▸ WHAT YOU HAVE TO DO: The expected answer is a verbatim transcription of the lines below, beginning with the first and ending with the line that holds "for number, where, z_axis, x_axis", without pictures.

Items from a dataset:
────
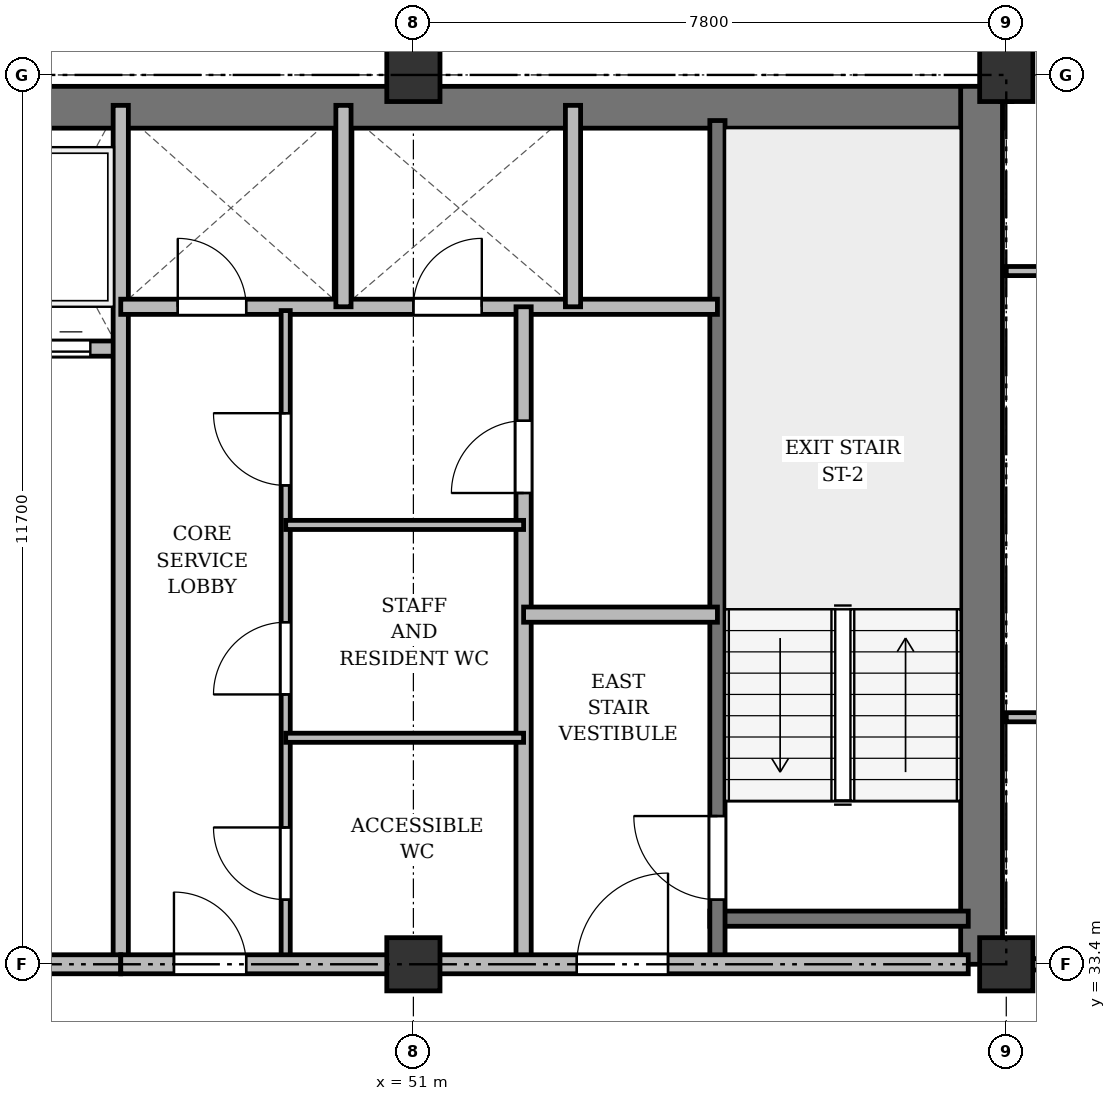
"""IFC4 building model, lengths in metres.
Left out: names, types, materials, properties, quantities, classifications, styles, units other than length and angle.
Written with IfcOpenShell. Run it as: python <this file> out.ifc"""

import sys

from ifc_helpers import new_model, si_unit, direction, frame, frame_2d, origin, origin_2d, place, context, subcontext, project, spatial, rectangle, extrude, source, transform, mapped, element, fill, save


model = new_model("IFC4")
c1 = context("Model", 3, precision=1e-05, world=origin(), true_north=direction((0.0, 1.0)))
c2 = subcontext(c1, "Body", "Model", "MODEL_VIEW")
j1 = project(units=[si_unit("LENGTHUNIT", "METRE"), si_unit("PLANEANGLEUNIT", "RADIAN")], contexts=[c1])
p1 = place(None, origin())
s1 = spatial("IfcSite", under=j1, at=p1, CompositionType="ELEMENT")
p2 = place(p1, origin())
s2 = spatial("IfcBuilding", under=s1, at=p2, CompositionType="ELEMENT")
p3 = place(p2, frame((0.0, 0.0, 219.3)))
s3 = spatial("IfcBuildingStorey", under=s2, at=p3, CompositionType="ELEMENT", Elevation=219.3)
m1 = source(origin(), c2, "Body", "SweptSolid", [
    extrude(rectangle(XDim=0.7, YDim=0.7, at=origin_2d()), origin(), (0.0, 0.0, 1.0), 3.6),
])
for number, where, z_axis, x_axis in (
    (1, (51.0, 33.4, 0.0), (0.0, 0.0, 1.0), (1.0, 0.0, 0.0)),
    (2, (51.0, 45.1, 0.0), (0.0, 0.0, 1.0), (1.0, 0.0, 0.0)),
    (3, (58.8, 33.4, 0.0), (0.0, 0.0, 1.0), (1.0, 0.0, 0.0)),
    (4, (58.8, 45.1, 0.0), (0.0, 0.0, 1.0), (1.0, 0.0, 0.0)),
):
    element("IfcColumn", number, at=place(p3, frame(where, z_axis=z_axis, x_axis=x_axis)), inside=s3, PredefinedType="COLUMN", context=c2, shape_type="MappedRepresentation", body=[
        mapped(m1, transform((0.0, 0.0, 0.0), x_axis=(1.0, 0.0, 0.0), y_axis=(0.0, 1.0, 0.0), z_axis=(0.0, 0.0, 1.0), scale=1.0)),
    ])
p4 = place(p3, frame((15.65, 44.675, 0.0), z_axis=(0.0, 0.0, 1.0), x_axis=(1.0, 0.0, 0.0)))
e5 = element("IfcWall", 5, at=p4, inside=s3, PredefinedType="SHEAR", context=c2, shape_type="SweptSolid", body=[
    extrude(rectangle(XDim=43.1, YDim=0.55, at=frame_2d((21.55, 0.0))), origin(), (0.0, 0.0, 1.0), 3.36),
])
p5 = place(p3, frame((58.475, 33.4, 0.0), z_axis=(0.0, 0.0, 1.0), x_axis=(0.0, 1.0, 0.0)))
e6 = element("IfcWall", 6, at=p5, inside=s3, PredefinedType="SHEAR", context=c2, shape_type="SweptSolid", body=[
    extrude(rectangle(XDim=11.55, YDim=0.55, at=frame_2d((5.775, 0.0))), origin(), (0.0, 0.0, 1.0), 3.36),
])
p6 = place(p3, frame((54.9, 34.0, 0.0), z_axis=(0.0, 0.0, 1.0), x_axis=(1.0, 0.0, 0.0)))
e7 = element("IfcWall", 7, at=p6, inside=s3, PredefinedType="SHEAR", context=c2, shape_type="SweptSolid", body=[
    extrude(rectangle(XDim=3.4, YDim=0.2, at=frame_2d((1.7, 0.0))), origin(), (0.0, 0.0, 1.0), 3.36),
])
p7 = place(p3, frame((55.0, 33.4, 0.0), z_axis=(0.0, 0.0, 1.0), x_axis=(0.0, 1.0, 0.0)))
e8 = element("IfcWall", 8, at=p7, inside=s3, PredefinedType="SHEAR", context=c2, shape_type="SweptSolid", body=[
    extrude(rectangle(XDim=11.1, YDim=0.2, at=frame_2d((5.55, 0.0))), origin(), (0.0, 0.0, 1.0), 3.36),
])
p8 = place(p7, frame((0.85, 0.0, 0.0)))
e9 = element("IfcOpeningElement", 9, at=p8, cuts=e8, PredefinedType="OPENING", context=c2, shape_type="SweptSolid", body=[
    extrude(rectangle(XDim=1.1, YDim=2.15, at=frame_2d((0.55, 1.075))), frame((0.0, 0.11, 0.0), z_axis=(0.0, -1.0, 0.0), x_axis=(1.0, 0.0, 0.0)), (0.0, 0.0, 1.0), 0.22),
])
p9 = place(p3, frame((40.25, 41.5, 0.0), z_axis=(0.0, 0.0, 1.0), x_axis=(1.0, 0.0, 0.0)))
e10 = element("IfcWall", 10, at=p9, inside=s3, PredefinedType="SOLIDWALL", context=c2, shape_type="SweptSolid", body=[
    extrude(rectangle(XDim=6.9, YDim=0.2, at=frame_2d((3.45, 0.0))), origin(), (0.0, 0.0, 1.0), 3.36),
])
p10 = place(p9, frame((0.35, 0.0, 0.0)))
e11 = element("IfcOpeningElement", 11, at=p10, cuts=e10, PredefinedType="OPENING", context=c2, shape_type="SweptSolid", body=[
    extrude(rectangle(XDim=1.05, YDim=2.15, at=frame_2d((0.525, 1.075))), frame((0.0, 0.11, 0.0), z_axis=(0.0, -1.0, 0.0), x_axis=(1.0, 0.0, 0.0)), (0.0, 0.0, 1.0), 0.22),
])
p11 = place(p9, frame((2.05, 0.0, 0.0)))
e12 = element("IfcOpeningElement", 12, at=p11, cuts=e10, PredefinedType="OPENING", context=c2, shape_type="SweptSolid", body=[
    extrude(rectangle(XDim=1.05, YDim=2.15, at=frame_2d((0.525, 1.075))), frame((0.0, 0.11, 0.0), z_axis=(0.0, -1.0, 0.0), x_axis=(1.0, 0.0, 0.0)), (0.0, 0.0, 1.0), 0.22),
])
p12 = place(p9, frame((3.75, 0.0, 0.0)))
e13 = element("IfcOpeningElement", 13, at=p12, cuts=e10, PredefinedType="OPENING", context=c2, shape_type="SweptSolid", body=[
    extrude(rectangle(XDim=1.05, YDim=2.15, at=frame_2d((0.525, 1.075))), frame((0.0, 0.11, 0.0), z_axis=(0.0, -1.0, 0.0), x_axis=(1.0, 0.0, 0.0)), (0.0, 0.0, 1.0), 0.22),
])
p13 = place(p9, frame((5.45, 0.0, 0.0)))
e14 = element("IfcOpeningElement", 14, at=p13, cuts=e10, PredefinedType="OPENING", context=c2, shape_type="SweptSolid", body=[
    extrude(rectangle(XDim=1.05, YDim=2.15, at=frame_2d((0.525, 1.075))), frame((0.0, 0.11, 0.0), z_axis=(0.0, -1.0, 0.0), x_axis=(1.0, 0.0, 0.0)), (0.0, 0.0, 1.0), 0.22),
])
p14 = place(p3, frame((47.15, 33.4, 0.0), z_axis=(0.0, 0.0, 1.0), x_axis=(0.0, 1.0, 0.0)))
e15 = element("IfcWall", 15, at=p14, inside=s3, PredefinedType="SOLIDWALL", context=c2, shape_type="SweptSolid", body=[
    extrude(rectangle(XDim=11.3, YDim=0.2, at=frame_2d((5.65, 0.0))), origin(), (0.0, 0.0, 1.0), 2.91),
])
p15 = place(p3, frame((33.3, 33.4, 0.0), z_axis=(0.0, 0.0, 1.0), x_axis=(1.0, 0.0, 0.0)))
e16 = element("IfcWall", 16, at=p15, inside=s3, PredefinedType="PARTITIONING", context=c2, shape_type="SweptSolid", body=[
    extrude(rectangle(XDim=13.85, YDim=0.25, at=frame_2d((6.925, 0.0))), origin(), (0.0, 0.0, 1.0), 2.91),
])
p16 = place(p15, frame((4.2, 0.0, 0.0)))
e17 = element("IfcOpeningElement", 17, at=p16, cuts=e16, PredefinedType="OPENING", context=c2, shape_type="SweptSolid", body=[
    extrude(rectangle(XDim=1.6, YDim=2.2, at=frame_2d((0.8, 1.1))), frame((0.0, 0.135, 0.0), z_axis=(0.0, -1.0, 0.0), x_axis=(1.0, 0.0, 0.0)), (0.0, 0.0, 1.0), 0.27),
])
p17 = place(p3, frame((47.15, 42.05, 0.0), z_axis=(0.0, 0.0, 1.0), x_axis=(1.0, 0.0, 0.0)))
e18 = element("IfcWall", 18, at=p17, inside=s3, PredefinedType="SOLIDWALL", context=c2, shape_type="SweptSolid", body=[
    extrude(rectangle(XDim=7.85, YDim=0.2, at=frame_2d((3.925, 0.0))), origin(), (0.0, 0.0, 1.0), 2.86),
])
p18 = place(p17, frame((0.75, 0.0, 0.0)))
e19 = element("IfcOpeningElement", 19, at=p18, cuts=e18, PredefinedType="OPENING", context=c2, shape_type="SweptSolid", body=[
────
▸ ANSWER BOX:
"""IFC4 building model, lengths in metres.
Left out: names, types, materials, properties, quantities, classifications, styles, units other than length and angle.
Written with IfcOpenShell. Run it as: python <this file> out.ifc"""

import sys

from ifc_helpers import new_model, si_unit, direction, frame, frame_2d, origin, origin_2d, place, context, subcontext, project, spatial, rectangle, extrude, source, transform, mapped, element, fill, save


model = new_model("IFC4")
c1 = context("Model", 3, precision=1e-05, world=origin(), true_north=direction((0.0, 1.0)))
c2 = subcontext(c1, "Body", "Model", "MODEL_VIEW")
j1 = project(units=[si_unit("LENGTHUNIT", "METRE"), si_unit("PLANEANGLEUNIT", "RADIAN")], contexts=[c1])
p1 = place(None, origin())
s1 = spatial("IfcSite", under=j1, at=p1, CompositionType="ELEMENT")
p2 = place(p1, origin())
s2 = spatial("IfcBuilding", under=s1, at=p2, CompositionType="ELEMENT")
p3 = place(p2, frame((0.0, 0.0, 219.3)))
s3 = spatial("IfcBuildingStorey", under=s2, at=p3, CompositionType="ELEMENT", Elevation=219.3)
m1 = source(origin(), c2, "Body", "SweptSolid", [
    extrude(rectangle(XDim=0.7, YDim=0.7, at=origin_2d()), origin(), (0.0, 0.0, 1.0), 3.6),
])
for number, where, z_axis, x_axis in (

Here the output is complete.